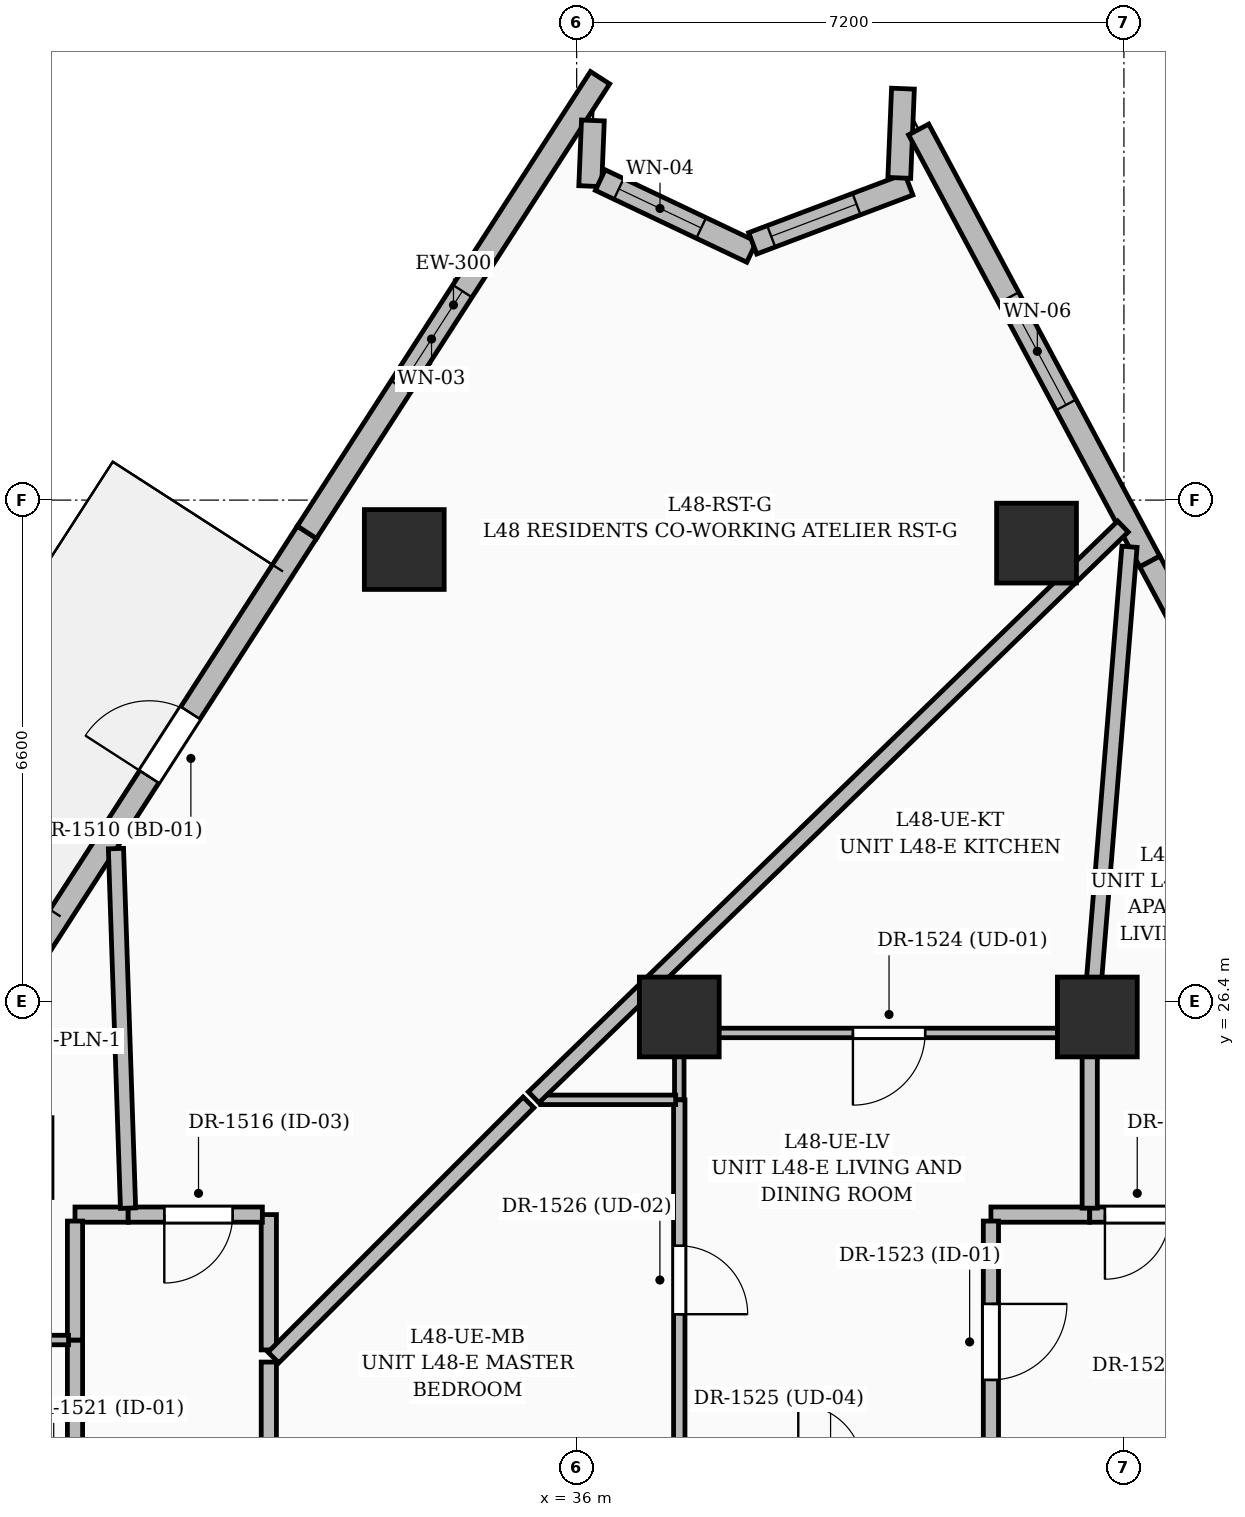
"""IFC4 building model, lengths in metres.
Left out: names, types, materials, properties, quantities, classifications, styles, units other than length and angle.
Written with IfcOpenShell. Run it as: python <this file> out.ifc"""

import sys

from ifc_helpers import new_model, si_unit, direction, frame, frame_2d, origin, origin_2d, place, context, subcontext, project, spatial, rectangle, extrude, element, fill, save


model = new_model("IFC4")
c1 = context("Model", 3, precision=1e-05, world=origin(), true_north=direction((0.0, 1.0)))
c2 = subcontext(c1, "Body", "Model", "MODEL_VIEW")
j1 = project(units=[si_unit("LENGTHUNIT", "METRE"), si_unit("PLANEANGLEUNIT", "RADIAN")], contexts=[c1])
p1 = place(None, origin())
s1 = spatial("IfcSite", under=j1, at=p1, CompositionType="ELEMENT")
p2 = place(p1, origin())
s2 = spatial("IfcBuilding", under=s1, at=p2, CompositionType="ELEMENT")
p3 = place(p2, frame((0.0, 0.0, 186.0)))
s3 = spatial("IfcBuildingStorey", under=s2, at=p3, CompositionType="ELEMENT", Elevation=186.0)
for number, where, z_axis, x_axis in (
    (1, (42.85, 26.2, 0.0), (0.0, 0.0, 1.0), (1.0, 0.0, 0.0)),
    (2, (37.35, 26.2, 0.0), (0.0, 0.0, 1.0), (1.0, 0.0, 0.0)),
    (3, (42.05, 32.434, 0.0), (0.0, 0.0, 1.0), (1.0, 0.0, 0.0)),
    (4, (33.732, 32.35, 0.0), (0.0, 0.0, 1.0), (1.0, 0.0, 0.0)),
):
    element("IfcColumn", number, at=place(p3, frame(where, z_axis=z_axis, x_axis=x_axis)), inside=s3, PredefinedType="COLUMN", context=c2, shape_type="SweptSolid", body=[
        extrude(rectangle(XDim=1.05, YDim=1.05, at=origin_2d()), origin(), (0.0, 0.0, 1.0), 3.6),
    ])
p4 = place(p3, frame((28.594, 26.597, 0.0), z_axis=(0.0, 0.0, 1.0), x_axis=(0.542031523986, 0.840358154006, 0.0)))
e5 = element("IfcWall", 5, at=p4, inside=s3, PredefinedType="SOLIDWALL", context=c2, shape_type="SweptSolid", body=[
    extrude(rectangle(XDim=7.116, YDim=0.3, at=frame_2d((3.558, 0.0))), origin(), (0.0, 0.0, 1.0), 3.35),
])
p5 = place(p4, frame((3.288, 0.0, 0.0)))
e6 = element("IfcOpeningElement", 6, at=p5, cuts=e5, PredefinedType="OPENING", context=c2, shape_type="SweptSolid", body=[
    extrude(rectangle(XDim=1.0, YDim=2.2, at=frame_2d((0.5, 1.1))), frame((0.0, 0.16, 0.0), z_axis=(0.0, -1.0, 0.0), x_axis=(1.0, 0.0, 0.0)), (0.0, 0.0, 1.0), 0.32),
])
p6 = place(p3, frame((32.451, 32.577, 0.0), z_axis=(0.0, 0.0, 1.0), x_axis=(0.542031523986, 0.840358154006, 0.0)))
e7 = element("IfcWall", 7, at=p6, inside=s3, PredefinedType="SOLIDWALL", context=c2, shape_type="SweptSolid", body=[
    extrude(rectangle(XDim=7.116, YDim=0.3, at=frame_2d((3.558, 0.0))), origin(), (0.0, 0.0, 1.0), 3.35),
])
p7 = place(p6, frame((2.275, 0.0, 0.6)))
e8 = element("IfcOpeningElement", 8, at=p7, cuts=e7, PredefinedType="OPENING", context=c2, shape_type="SweptSolid", body=[
    extrude(rectangle(XDim=1.5, YDim=2.1, at=frame_2d((0.75, 1.05))), frame((0.0, 0.16, 0.0), z_axis=(0.0, -1.0, 0.0), x_axis=(1.0, 0.0, 0.0)), (0.0, 0.0, 1.0), 0.32),
])
p8 = place(p3, frame((36.214, 37.994, 0.0), z_axis=(0.0, 0.0, 1.0), x_axis=(-0.040926134278, -0.999162174791, 0.0)))
e9 = element("IfcWall", 9, at=p8, inside=s3, PredefinedType="SOLIDWALL", context=c2, shape_type="SweptSolid", body=[
    extrude(rectangle(XDim=0.865, YDim=0.3, at=frame_2d((0.433, 0.0))), origin(), (0.0, 0.0, 1.0), 3.35),
])
p9 = place(p3, frame((36.311, 37.21, 0.0), z_axis=(0.0, 0.0, 1.0), x_axis=(0.903471604204, -0.428647944585, 0.0)))
e10 = element("IfcWall", 10, at=p9, inside=s3, PredefinedType="SOLIDWALL", context=c2, shape_type="SweptSolid", body=[
    extrude(rectangle(XDim=2.205, YDim=0.3, at=frame_2d((1.103, 0.0))), origin(), (0.0, 0.0, 1.0), 3.35),
])
p10 = place(p9, frame((0.27, 0.0, 0.8)))
e11 = element("IfcOpeningElement", 11, at=p10, cuts=e10, PredefinedType="OPENING", context=c2, shape_type="SweptSolid", body=[
    extrude(rectangle(XDim=1.2, YDim=1.8, at=frame_2d((0.6, 0.9))), frame((0.0, 0.16, 0.0), z_axis=(0.0, -1.0, 0.0), x_axis=(1.0, 0.0, 0.0)), (0.0, 0.0, 1.0), 0.32),
])
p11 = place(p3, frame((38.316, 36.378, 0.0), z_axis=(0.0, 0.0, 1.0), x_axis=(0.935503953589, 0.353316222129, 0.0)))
##########
What the exercise asks: Could you give the listing again exactly as it stands, minus any pictures?

Problem solution:
"""IFC4 building model, lengths in metres.
Left out: names, types, materials, properties, quantities, classifications, styles, units other than length and angle.
Written with IfcOpenShell. Run it as: python <this file> out.ifc"""

import sys

from ifc_helpers import new_model, si_unit, direction, frame, frame_2d, origin, origin_2d, place, context, subcontext, project, spatial, rectangle, extrude, element, fill, save


model = new_model("IFC4")
c1 = context("Model", 3, precision=1e-05, world=origin(), true_north=direction((0.0, 1.0)))
c2 = subcontext(c1, "Body", "Model", "MODEL_VIEW")
j1 = project(units=[si_unit("LENGTHUNIT", "METRE"), si_unit("PLANEANGLEUNIT", "RADIAN")], contexts=[c1])
p1 = place(None, origin())
s1 = spatial("IfcSite", under=j1, at=p1, CompositionType="ELEMENT")
p2 = place(p1, origin())
s2 = spatial("IfcBuilding", under=s1, at=p2, CompositionType="ELEMENT")
p3 = place(p2, frame((0.0, 0.0, 186.0)))
s3 = spatial("IfcBuildingStorey", under=s2, at=p3, CompositionType="ELEMENT", Elevation=186.0)
for number, where, z_axis, x_axis in (
    (1, (42.85, 26.2, 0.0), (0.0, 0.0, 1.0), (1.0, 0.0, 0.0)),
    (2, (37.35, 26.2, 0.0), (0.0, 0.0, 1.0), (1.0, 0.0, 0.0)),
    (3, (42.05, 32.434, 0.0), (0.0, 0.0, 1.0), (1.0, 0.0, 0.0)),
    (4, (33.732, 32.35, 0.0), (0.0, 0.0, 1.0), (1.0, 0.0, 0.0)),
):
    element("IfcColumn", number, at=place(p3, frame(where, z_axis=z_axis, x_axis=x_axis)), inside=s3, PredefinedType="COLUMN", context=c2, shape_type="SweptSolid", body=[
        extrude(rectangle(XDim=1.05, YDim=1.05, at=origin_2d()), origin(), (0.0, 0.0, 1.0), 3.6),
    ])
p4 = place(p3, frame((28.594, 26.597, 0.0), z_axis=(0.0, 0.0, 1.0), x_axis=(0.542031523986, 0.840358154006, 0.0)))
e5 = element("IfcWall", 5, at=p4, inside=s3, PredefinedType="SOLIDWALL", context=c2, shape_type="SweptSolid", body=[
    extrude(rectangle(XDim=7.116, YDim=0.3, at=frame_2d((3.558, 0.0))), origin(), (0.0, 0.0, 1.0), 3.35),
])
p5 = place(p4, frame((3.288, 0.0, 0.0)))
e6 = element("IfcOpeningElement", 6, at=p5, cuts=e5, PredefinedType="OPENING", context=c2, shape_type="SweptSolid", body=[
    extrude(rectangle(XDim=1.0, YDim=2.2, at=frame_2d((0.5, 1.1))), frame((0.0, 0.16, 0.0), z_axis=(0.0, -1.0, 0.0), x_axis=(1.0, 0.0, 0.0)), (0.0, 0.0, 1.0), 0.32),
])
p6 = place(p3, frame((32.451, 32.577, 0.0), z_axis=(0.0, 0.0, 1.0), x_axis=(0.542031523986, 0.840358154006, 0.0)))
e7 = element("IfcWall", 7, at=p6, inside=s3, PredefinedType="SOLIDWALL", context=c2, shape_type="SweptSolid", body=[
    extrude(rectangle(XDim=7.116, YDim=0.3, at=frame_2d((3.558, 0.0))), origin(), (0.0, 0.0, 1.0), 3.35),
])
p7 = place(p6, frame((2.275, 0.0, 0.6)))
e8 = element("IfcOpeningElement", 8, at=p7, cuts=e7, PredefinedType="OPENING", context=c2, shape_type="SweptSolid", body=[
    extrude(rectangle(XDim=1.5, YDim=2.1, at=frame_2d((0.75, 1.05))), frame((0.0, 0.16, 0.0), z_axis=(0.0, -1.0, 0.0), x_axis=(1.0, 0.0, 0.0)), (0.0, 0.0, 1.0), 0.32),
])
p8 = place(p3, frame((36.214, 37.994, 0.0), z_axis=(0.0, 0.0, 1.0), x_axis=(-0.040926134278, -0.999162174791, 0.0)))
e9 = element("IfcWall", 9, at=p8, inside=s3, PredefinedType="SOLIDWALL", context=c2, shape_type="SweptSolid", body=[
    extrude(rectangle(XDim=0.865, YDim=0.3, at=frame_2d((0.433, 0.0))), origin(), (0.0, 0.0, 1.0), 3.35),
])
p9 = place(p3, frame((36.311, 37.21, 0.0), z_axis=(0.0, 0.0, 1.0), x_axis=(0.903471604204, -0.428647944585, 0.0)))
e10 = element("IfcWall", 10, at=p9, inside=s3, PredefinedType="SOLIDWALL", context=c2, shape_type="SweptSolid", body=[
    extrude(rectangle(XDim=2.205, YDim=0.3, at=frame_2d((1.103, 0.0))), origin(), (0.0, 0.0, 1.0), 3.35),
])
p10 = place(p9, frame((0.27, 0.0, 0.8)))
e11 = element("IfcOpeningElement", 11, at=p10, cuts=e10, PredefinedType="OPENING", context=c2, shape_type="SweptSolid", body=[
    extrude(rectangle(XDim=1.2, YDim=1.8, at=frame_2d((0.6, 0.9))), frame((0.0, 0.16, 0.0), z_axis=(0.0, -1.0, 0.0), x_axis=(1.0, 0.0, 0.0)), (0.0, 0.0, 1.0), 0.32),
])
p11 = place(p3, frame((38.316, 36.378, 0.0), z_axis=(0.0, 0.0, 1.0), x_axis=(0.935503953589, 0.353316222129, 0.0)))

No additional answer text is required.